Stored items
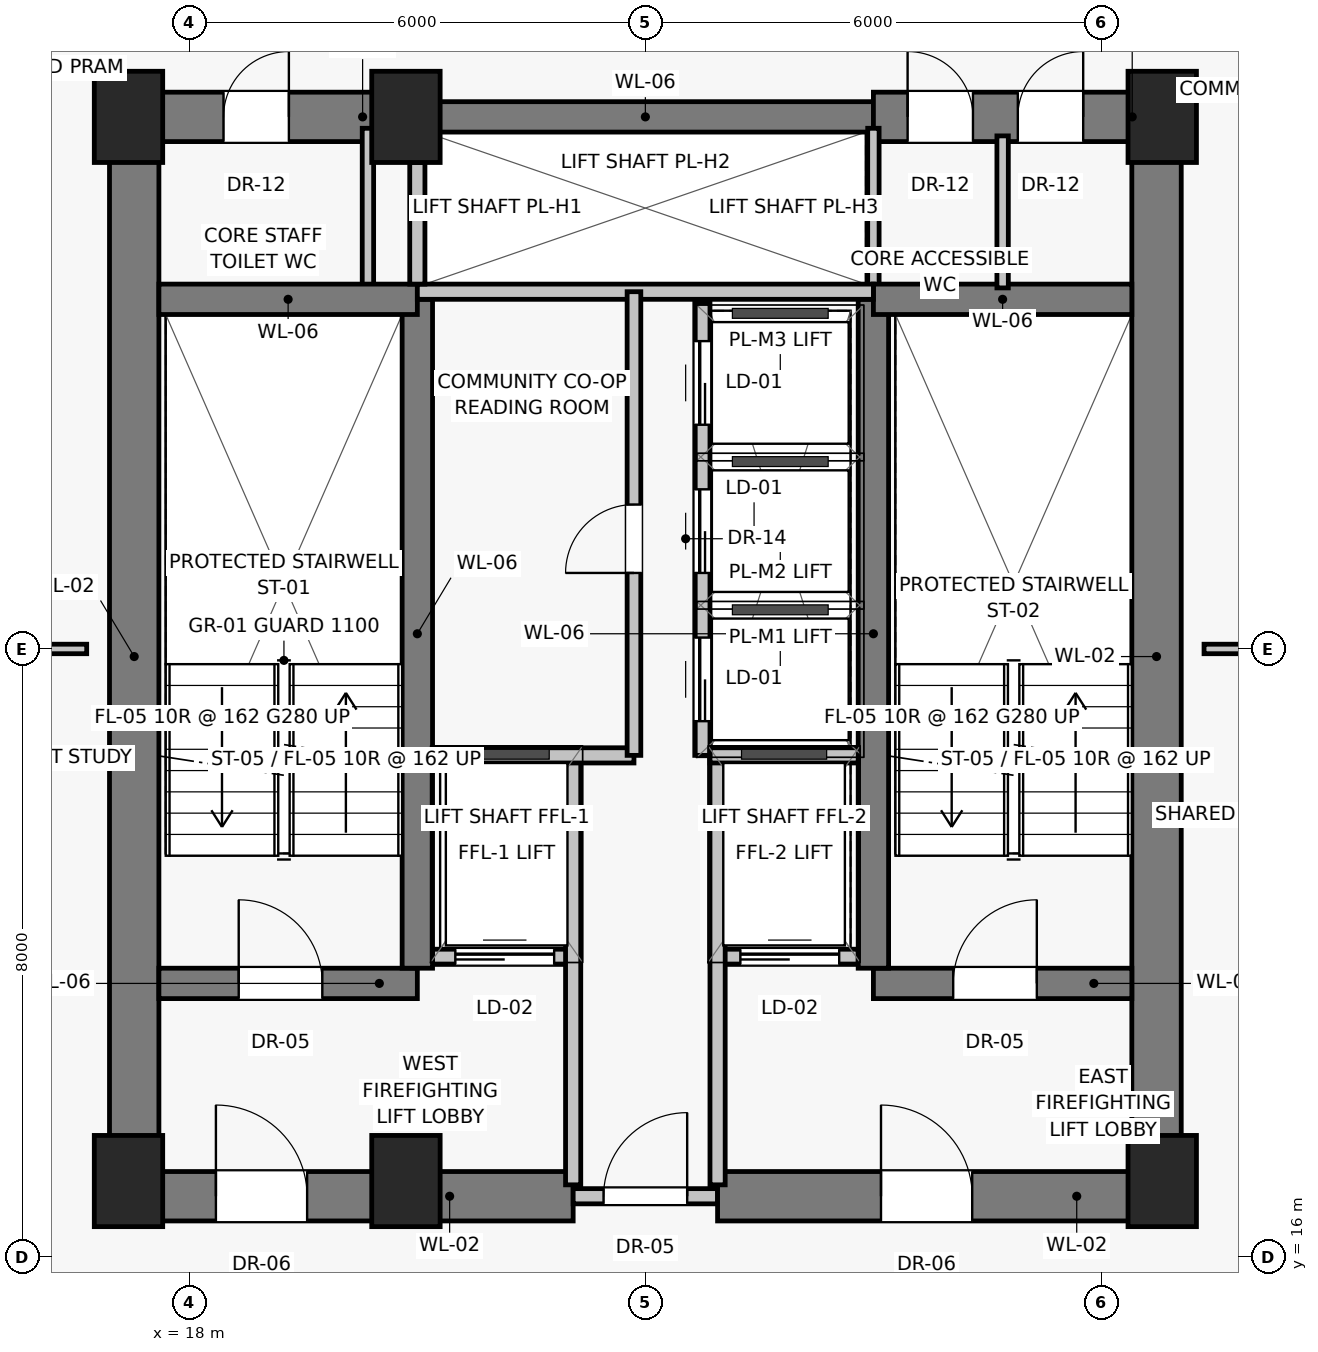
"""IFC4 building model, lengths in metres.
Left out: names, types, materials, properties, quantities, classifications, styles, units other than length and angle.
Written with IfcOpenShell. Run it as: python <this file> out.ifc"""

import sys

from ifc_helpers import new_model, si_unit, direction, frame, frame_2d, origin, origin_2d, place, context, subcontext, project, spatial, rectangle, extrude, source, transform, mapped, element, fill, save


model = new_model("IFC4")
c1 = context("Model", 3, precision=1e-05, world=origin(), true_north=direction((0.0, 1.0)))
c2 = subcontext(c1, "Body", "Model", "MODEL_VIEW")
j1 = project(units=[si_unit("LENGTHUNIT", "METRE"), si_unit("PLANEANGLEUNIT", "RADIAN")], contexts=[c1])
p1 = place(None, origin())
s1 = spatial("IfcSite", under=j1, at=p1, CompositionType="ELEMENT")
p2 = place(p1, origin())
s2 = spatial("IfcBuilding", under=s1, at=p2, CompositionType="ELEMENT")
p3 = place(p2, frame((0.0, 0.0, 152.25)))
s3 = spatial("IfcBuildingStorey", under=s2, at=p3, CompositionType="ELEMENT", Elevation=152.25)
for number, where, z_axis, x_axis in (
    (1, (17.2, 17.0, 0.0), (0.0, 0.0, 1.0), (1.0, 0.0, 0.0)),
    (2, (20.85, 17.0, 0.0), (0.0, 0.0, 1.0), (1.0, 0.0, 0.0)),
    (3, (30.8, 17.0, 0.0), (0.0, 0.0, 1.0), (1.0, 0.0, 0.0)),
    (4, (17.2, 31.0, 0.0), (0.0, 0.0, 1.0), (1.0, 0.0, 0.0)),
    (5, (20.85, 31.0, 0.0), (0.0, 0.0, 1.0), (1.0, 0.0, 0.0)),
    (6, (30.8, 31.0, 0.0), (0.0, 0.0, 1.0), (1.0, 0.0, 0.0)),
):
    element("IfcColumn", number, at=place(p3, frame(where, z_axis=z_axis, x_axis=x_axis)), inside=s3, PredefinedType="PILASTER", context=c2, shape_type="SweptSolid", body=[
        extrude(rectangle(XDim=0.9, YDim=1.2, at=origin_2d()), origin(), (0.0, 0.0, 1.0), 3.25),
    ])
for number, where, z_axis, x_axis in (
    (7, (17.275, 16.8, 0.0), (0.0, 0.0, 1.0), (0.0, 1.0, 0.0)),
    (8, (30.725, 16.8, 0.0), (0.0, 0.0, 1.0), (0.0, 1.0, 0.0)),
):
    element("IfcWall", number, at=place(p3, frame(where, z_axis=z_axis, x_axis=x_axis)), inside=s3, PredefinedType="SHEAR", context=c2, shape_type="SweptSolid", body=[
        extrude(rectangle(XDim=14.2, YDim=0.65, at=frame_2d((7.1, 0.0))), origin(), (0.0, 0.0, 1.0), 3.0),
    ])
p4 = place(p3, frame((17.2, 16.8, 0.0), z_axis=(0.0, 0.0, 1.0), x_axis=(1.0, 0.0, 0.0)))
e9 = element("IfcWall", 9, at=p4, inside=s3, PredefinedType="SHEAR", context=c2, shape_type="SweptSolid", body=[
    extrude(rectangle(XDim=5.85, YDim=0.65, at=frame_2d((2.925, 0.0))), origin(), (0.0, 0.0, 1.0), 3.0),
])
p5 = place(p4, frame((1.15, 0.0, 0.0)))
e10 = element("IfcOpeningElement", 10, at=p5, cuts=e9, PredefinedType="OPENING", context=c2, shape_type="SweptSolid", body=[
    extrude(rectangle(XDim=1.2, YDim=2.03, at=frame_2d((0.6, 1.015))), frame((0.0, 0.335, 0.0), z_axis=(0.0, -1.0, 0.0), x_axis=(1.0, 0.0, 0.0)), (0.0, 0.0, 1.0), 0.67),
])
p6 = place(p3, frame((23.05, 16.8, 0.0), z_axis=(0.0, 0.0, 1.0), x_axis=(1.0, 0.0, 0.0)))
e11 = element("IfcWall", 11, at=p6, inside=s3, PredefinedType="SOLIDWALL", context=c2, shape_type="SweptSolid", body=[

> _ABOUT THIS TASK_
Only the lines from the start of the records above through the line containing "p2 = place(p1, origin())" should be returned, exactly and with both ends, please; the pictures stay out.

> _RESPONSE FOR THIS EXERCISE_
"""IFC4 building model, lengths in metres.
Left out: names, types, materials, properties, quantities, classifications, styles, units other than length and angle.
Written with IfcOpenShell. Run it as: python <this file> out.ifc"""

import sys

from ifc_helpers import new_model, si_unit, direction, frame, frame_2d, origin, origin_2d, place, context, subcontext, project, spatial, rectangle, extrude, source, transform, mapped, element, fill, save


model = new_model("IFC4")
c1 = context("Model", 3, precision=1e-05, world=origin(), true_north=direction((0.0, 1.0)))
c2 = subcontext(c1, "Body", "Model", "MODEL_VIEW")
j1 = project(units=[si_unit("LENGTHUNIT", "METRE"), si_unit("PLANEANGLEUNIT", "RADIAN")], contexts=[c1])
p1 = place(None, origin())
s1 = spatial("IfcSite", under=j1, at=p1, CompositionType="ELEMENT")
p2 = place(p1, origin())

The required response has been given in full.